• Work to complete: Every line with the string "SOLIDWALL" must be copied from the entries below.

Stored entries

───

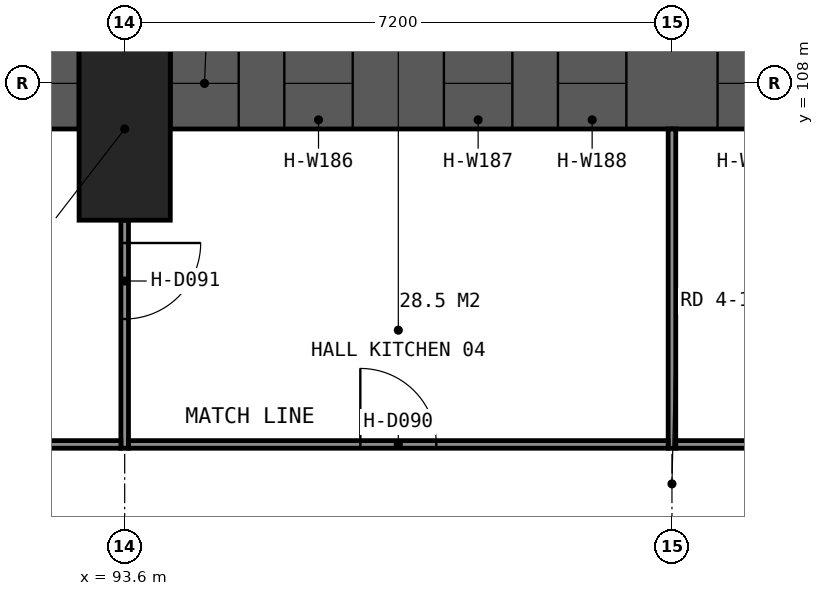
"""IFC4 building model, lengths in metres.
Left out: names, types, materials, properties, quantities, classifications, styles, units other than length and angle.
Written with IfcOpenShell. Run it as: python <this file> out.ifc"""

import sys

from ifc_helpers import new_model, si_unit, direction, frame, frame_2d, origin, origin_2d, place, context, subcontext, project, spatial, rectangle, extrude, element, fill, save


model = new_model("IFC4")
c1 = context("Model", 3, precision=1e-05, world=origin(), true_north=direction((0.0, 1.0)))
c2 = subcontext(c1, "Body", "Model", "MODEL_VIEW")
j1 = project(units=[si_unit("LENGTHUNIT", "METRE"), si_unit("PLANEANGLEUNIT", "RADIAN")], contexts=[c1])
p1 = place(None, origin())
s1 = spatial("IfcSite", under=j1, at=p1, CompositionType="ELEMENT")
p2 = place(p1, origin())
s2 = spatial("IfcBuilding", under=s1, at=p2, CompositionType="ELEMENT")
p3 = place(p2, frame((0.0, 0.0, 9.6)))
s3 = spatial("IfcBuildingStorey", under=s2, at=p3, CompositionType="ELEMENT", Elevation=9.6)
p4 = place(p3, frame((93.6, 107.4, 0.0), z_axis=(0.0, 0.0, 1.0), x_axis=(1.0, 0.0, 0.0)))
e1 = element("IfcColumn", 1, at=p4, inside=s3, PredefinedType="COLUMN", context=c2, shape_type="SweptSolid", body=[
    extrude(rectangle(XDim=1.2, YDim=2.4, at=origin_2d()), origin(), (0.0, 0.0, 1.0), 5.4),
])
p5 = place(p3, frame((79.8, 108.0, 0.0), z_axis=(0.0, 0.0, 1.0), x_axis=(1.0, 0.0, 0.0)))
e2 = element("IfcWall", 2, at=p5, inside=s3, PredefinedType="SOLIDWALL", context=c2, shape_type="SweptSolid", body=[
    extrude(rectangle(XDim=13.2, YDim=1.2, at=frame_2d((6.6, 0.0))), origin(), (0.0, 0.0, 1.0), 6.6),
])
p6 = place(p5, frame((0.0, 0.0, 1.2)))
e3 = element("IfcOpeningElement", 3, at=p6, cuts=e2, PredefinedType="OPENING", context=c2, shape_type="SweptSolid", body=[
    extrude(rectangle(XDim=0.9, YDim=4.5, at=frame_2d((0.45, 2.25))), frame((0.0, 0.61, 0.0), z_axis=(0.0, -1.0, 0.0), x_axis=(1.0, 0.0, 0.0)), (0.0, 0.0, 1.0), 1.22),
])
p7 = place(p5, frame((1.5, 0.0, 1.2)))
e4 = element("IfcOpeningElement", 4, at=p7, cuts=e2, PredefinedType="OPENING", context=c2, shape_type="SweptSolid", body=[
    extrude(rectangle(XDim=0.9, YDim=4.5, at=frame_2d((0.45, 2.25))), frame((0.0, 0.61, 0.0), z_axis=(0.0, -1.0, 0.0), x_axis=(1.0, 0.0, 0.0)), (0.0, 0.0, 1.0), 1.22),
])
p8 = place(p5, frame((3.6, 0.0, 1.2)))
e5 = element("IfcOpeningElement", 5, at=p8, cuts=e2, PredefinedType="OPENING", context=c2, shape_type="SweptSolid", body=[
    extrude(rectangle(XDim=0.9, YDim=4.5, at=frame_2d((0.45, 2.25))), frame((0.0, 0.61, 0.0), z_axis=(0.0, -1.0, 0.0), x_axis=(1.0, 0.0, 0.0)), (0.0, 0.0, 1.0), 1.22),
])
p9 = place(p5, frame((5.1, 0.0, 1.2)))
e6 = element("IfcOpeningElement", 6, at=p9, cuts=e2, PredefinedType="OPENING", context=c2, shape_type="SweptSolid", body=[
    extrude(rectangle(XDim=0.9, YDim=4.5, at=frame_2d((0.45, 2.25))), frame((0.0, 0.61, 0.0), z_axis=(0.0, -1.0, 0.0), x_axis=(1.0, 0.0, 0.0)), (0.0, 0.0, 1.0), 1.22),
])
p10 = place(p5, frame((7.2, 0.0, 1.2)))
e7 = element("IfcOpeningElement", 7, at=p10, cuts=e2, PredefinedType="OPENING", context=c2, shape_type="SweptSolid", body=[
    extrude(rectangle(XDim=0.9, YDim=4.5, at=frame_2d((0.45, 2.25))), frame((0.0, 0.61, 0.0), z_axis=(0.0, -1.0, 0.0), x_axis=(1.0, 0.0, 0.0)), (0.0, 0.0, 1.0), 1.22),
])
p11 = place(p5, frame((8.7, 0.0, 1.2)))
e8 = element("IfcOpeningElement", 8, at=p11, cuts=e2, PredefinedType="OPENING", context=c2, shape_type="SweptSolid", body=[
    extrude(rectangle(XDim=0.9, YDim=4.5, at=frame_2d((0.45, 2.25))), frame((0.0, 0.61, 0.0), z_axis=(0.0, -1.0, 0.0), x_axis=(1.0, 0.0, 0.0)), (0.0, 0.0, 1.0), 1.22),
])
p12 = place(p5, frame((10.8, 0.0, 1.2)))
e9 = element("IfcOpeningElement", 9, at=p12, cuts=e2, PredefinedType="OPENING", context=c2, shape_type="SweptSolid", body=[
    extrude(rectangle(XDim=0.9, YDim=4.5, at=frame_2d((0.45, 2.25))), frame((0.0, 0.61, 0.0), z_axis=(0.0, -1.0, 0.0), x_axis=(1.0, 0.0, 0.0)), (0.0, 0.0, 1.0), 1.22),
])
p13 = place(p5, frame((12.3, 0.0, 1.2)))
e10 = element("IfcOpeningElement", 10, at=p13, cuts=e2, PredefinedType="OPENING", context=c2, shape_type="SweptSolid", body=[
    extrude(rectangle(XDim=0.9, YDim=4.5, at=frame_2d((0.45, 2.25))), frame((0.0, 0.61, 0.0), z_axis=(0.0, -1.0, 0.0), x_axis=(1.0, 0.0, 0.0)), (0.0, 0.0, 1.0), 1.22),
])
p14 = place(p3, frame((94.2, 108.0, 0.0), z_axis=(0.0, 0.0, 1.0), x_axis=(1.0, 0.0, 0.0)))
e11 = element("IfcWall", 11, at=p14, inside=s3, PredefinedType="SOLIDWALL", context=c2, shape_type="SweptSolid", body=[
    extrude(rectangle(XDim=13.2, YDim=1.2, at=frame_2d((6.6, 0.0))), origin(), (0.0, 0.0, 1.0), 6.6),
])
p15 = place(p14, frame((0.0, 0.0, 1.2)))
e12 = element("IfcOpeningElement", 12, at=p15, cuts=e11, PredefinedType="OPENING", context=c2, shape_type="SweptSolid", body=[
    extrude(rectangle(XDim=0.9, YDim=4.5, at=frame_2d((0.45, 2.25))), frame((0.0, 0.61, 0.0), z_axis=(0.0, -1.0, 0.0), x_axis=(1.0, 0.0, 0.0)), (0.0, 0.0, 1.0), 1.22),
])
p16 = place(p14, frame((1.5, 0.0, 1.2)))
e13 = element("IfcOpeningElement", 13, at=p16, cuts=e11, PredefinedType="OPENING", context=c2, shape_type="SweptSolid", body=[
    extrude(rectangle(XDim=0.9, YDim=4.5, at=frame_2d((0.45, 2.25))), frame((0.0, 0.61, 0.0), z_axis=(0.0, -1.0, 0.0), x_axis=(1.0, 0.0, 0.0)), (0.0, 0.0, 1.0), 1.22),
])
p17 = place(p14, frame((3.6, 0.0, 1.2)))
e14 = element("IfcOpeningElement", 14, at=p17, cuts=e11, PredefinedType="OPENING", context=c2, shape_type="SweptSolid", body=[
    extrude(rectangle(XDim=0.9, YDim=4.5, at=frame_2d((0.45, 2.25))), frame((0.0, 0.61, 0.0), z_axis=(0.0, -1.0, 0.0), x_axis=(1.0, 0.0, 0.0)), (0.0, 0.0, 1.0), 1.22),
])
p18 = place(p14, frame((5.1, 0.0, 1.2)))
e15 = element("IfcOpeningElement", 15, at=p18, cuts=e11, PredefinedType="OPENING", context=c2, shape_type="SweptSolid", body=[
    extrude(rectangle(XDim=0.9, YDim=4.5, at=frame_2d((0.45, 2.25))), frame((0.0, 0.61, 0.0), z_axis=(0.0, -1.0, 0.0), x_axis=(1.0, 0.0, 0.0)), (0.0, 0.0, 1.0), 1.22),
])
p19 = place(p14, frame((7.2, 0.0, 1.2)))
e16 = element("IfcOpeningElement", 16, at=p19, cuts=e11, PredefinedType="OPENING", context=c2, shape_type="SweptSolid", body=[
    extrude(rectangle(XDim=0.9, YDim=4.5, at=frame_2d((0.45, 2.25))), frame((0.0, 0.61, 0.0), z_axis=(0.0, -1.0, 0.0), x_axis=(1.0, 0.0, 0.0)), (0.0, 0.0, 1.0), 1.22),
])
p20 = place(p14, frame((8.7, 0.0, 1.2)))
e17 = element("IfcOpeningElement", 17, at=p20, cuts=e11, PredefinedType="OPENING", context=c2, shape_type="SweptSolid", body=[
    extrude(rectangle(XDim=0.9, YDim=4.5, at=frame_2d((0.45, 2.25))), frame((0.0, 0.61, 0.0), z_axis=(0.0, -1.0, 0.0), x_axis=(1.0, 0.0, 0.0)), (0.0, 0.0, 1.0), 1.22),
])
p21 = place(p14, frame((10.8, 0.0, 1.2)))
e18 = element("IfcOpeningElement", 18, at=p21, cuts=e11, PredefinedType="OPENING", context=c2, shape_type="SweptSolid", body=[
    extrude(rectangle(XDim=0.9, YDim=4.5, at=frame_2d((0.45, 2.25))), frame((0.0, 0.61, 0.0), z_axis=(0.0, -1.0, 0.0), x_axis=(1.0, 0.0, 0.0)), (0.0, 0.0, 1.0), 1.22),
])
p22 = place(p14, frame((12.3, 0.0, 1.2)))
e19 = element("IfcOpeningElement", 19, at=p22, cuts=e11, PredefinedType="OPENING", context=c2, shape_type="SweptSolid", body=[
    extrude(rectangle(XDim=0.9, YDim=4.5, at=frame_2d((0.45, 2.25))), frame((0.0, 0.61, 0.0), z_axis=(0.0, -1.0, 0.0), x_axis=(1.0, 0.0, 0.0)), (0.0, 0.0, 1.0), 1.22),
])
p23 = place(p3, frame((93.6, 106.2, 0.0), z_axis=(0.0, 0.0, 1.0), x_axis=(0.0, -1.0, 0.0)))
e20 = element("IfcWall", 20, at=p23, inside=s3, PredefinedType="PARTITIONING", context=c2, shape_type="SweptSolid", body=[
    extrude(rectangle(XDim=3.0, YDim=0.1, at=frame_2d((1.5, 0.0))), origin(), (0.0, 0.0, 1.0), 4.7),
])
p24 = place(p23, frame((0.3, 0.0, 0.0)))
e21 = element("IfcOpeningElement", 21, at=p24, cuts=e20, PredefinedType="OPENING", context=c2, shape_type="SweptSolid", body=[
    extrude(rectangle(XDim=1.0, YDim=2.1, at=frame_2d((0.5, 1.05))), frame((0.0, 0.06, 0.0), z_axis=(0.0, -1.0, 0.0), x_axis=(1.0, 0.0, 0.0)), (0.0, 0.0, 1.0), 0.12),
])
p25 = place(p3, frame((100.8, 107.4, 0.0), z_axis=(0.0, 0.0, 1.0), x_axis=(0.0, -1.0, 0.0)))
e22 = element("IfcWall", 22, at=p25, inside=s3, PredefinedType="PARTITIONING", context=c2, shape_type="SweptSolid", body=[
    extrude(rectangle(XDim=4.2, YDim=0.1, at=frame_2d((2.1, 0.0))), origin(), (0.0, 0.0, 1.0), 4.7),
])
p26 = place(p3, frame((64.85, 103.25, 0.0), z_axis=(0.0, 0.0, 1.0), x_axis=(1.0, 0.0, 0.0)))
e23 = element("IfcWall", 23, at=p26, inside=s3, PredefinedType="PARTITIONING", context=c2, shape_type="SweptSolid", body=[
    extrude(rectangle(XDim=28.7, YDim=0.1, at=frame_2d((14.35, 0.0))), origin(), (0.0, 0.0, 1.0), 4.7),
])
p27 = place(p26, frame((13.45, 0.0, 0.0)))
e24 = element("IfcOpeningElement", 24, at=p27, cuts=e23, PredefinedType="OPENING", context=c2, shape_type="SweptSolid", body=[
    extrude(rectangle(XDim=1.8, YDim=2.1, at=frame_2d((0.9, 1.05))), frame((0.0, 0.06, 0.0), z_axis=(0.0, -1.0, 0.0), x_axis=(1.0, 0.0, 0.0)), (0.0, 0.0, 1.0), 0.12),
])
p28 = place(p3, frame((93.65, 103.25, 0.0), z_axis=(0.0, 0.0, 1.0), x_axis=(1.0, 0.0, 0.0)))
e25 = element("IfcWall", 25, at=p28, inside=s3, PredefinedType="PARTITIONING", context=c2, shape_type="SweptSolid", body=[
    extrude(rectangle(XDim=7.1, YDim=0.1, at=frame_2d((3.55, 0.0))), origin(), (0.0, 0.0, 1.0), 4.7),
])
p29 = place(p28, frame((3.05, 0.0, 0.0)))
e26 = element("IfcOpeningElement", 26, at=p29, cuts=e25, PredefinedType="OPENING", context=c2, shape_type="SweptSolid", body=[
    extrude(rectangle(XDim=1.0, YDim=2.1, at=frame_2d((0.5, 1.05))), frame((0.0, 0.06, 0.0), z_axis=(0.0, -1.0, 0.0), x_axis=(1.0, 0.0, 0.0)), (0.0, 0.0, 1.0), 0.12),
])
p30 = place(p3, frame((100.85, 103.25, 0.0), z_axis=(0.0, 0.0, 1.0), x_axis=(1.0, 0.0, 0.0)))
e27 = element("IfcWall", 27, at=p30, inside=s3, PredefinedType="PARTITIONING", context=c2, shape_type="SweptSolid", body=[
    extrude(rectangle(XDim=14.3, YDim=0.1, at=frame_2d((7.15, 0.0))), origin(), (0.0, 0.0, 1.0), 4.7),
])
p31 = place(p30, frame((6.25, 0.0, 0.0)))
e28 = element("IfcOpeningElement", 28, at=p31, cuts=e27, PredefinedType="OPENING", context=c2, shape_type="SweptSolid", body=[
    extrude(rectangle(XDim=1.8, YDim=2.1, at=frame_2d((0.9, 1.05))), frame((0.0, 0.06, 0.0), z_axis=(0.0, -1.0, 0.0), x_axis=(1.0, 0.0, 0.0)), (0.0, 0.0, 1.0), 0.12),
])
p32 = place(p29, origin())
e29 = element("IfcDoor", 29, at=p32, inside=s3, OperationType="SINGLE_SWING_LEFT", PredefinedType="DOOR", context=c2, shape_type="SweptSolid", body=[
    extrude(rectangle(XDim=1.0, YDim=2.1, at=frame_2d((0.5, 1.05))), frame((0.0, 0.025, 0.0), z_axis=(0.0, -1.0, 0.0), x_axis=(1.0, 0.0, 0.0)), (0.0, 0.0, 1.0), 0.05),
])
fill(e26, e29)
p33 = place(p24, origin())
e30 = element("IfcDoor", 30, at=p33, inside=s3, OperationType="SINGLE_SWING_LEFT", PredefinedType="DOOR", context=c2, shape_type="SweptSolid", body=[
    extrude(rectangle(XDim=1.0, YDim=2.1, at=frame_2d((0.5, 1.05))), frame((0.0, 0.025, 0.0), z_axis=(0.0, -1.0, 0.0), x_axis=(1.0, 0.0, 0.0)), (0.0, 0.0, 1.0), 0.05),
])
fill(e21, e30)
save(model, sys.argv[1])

───

• Output of the task:
e2 = element("IfcWall", 2, at=p5, inside=s3, PredefinedType="SOLIDWALL", context=c2, shape_type="SweptSolid", body=[
e11 = element("IfcWall", 11, at=p14, inside=s3, PredefinedType="SOLIDWALL", context=c2, shape_type="SweptSolid", body=[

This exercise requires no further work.